(Records contained in a dataset)
·····
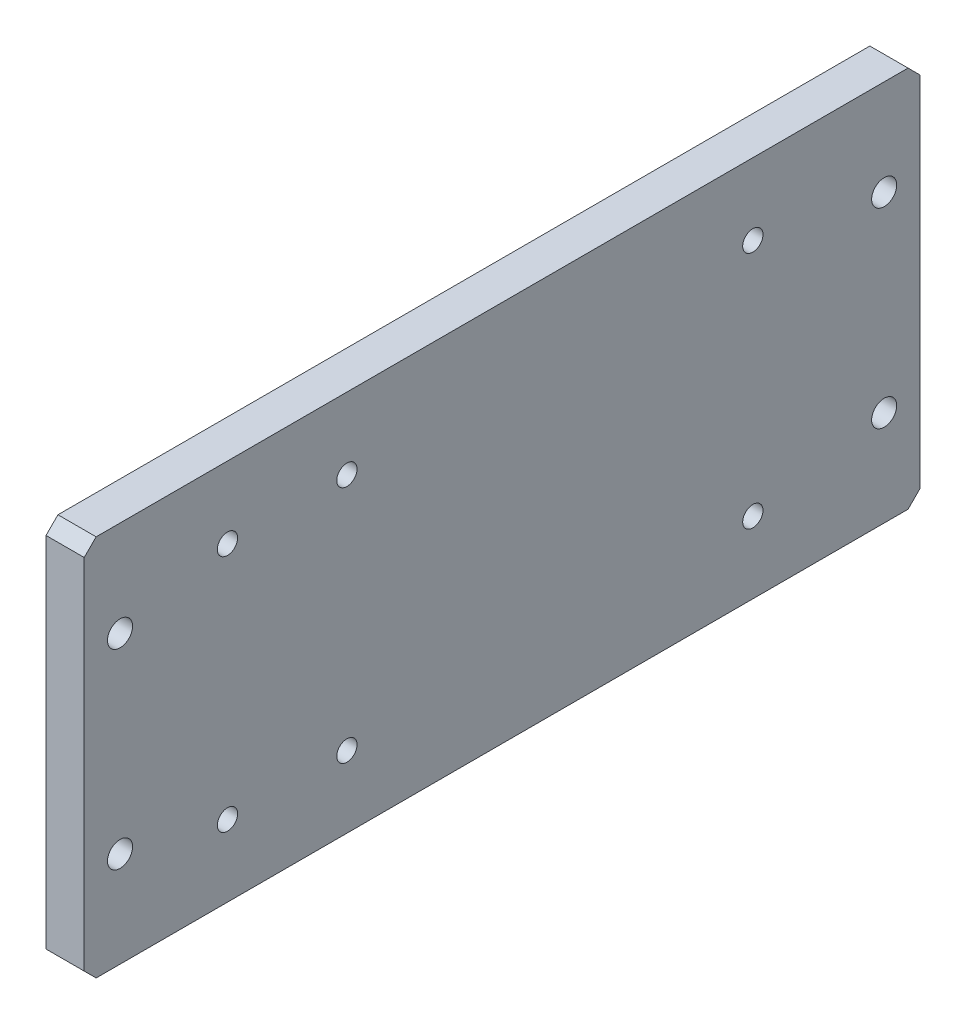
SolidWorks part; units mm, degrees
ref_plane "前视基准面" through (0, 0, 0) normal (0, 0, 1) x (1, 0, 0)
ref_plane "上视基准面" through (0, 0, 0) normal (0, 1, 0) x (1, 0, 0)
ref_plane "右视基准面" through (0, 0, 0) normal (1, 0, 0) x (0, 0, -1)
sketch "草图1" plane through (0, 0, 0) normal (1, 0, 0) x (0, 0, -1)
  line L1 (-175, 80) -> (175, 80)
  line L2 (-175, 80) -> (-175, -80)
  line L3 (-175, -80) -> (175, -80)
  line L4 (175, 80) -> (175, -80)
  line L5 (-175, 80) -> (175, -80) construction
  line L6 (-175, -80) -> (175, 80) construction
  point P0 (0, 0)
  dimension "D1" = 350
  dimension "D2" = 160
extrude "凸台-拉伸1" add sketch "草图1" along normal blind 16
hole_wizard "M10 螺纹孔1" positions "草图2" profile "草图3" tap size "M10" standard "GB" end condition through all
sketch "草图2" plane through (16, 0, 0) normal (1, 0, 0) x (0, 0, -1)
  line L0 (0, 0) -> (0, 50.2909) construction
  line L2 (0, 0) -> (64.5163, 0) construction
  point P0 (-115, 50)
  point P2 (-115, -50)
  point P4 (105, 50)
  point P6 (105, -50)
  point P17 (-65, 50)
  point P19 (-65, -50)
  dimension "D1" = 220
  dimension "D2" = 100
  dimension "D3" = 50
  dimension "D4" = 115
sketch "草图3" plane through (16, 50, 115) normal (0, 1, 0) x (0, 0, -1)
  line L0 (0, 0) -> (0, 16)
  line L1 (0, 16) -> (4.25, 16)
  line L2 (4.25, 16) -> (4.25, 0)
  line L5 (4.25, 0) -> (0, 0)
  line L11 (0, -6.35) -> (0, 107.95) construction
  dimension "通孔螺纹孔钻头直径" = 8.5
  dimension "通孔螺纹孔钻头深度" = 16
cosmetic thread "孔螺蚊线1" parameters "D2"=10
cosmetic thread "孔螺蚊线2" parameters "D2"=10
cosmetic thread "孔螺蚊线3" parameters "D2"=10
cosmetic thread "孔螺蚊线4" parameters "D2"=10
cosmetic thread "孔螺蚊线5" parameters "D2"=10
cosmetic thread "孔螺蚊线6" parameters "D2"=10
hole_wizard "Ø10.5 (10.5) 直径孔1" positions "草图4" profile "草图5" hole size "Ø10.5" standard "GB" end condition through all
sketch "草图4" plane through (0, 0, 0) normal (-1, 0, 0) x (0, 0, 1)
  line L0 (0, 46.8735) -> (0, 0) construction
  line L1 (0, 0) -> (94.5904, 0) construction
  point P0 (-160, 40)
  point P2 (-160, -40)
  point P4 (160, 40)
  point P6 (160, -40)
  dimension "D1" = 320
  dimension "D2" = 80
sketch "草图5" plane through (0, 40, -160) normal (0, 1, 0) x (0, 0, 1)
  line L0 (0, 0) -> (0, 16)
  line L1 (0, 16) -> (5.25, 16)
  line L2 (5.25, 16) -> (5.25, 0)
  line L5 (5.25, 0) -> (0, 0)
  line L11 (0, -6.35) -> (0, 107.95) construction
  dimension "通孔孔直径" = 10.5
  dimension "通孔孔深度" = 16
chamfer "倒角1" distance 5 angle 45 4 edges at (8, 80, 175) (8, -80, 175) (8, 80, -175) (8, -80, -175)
·····
## Problem
Could you reproduce the records above exactly, leaving out every picture?

## Result of the task
SolidWorks part; units mm, degrees
ref_plane "前视基准面" through (0, 0, 0) normal (0, 0, 1) x (1, 0, 0)
ref_plane "上视基准面" through (0, 0, 0) normal (0, 1, 0) x (1, 0, 0)
ref_plane "右视基准面" through (0, 0, 0) normal (1, 0, 0) x (0, 0, -1)
sketch "草图1" plane through (0, 0, 0) normal (1, 0, 0) x (0, 0, -1)
  line L1 (-175, 80) -> (175, 80)
  line L2 (-175, 80) -> (-175, -80)
  line L3 (-175, -80) -> (175, -80)
  line L4 (175, 80) -> (175, -80)
  line L5 (-175, 80) -> (175, -80) construction
  line L6 (-175, -80) -> (175, 80) construction
  point P0 (0, 0)
  dimension "D1" = 350
  dimension "D2" = 160
extrude "凸台-拉伸1" add sketch "草图1" along normal blind 16
hole_wizard "M10 螺纹孔1" positions "草图2" profile "草图3" tap size "M10" standard "GB" end condition through all
sketch "草图2" plane through (16, 0, 0) normal (1, 0, 0) x (0, 0, -1)
  line L0 (0, 0) -> (0, 50.2909) construction
  line L2 (0, 0) -> (64.5163, 0) construction
  point P0 (-115, 50)
  point P2 (-115, -50)
  point P4 (105, 50)
  point P6 (105, -50)
  point P17 (-65, 50)
  point P19 (-65, -50)
  dimension "D1" = 220
  dimension "D2" = 100
  dimension "D3" = 50
  dimension "D4" = 115
sketch "草图3" plane through (16, 50, 115) normal (0, 1, 0) x (0, 0, -1)
  line L0 (0, 0) -> (0, 16)
  line L1 (0, 16) -> (4.25, 16)
  line L2 (4.25, 16) -> (4.25, 0)
  line L5 (4.25, 0) -> (0, 0)
  line L11 (0, -6.35) -> (0, 107.95) construction
  dimension "通孔螺纹孔钻头直径" = 8.5
  dimension "通孔螺纹孔钻头深度" = 16
cosmetic thread "孔螺蚊线1" parameters "D2"=10
cosmetic thread "孔螺蚊线2" parameters "D2"=10
cosmetic thread "孔螺蚊线3" parameters "D2"=10
cosmetic thread "孔螺蚊线4" parameters "D2"=10
cosmetic thread "孔螺蚊线5" parameters "D2"=10
cosmetic thread "孔螺蚊线6" parameters "D2"=10
hole_wizard "Ø10.5 (10.5) 直径孔1" positions "草图4" profile "草图5" hole size "Ø10.5" standard "GB" end condition through all
sketch "草图4" plane through (0, 0, 0) normal (-1, 0, 0) x (0, 0, 1)
  line L0 (0, 46.8735) -> (0, 0) construction
  line L1 (0, 0) -> (94.5904, 0) construction
  point P0 (-160, 40)
  point P2 (-160, -40)
  point P4 (160, 40)
  point P6 (160, -40)
  dimension "D1" = 320
  dimension "D2" = 80
sketch "草图5" plane through (0, 40, -160) normal (0, 1, 0) x (0, 0, 1)
  line L0 (0, 0) -> (0, 16)
  line L1 (0, 16) -> (5.25, 16)
  line L2 (5.25, 16) -> (5.25, 0)
  line L5 (5.25, 0) -> (0, 0)
  line L11 (0, -6.35) -> (0, 107.95) construction
  dimension "通孔孔直径" = 10.5
  dimension "通孔孔深度" = 16
chamfer "倒角1" distance 5 angle 45 4 edges at (8, 80, 175) (8, -80, 175) (8, 80, -175) (8, -80, -175)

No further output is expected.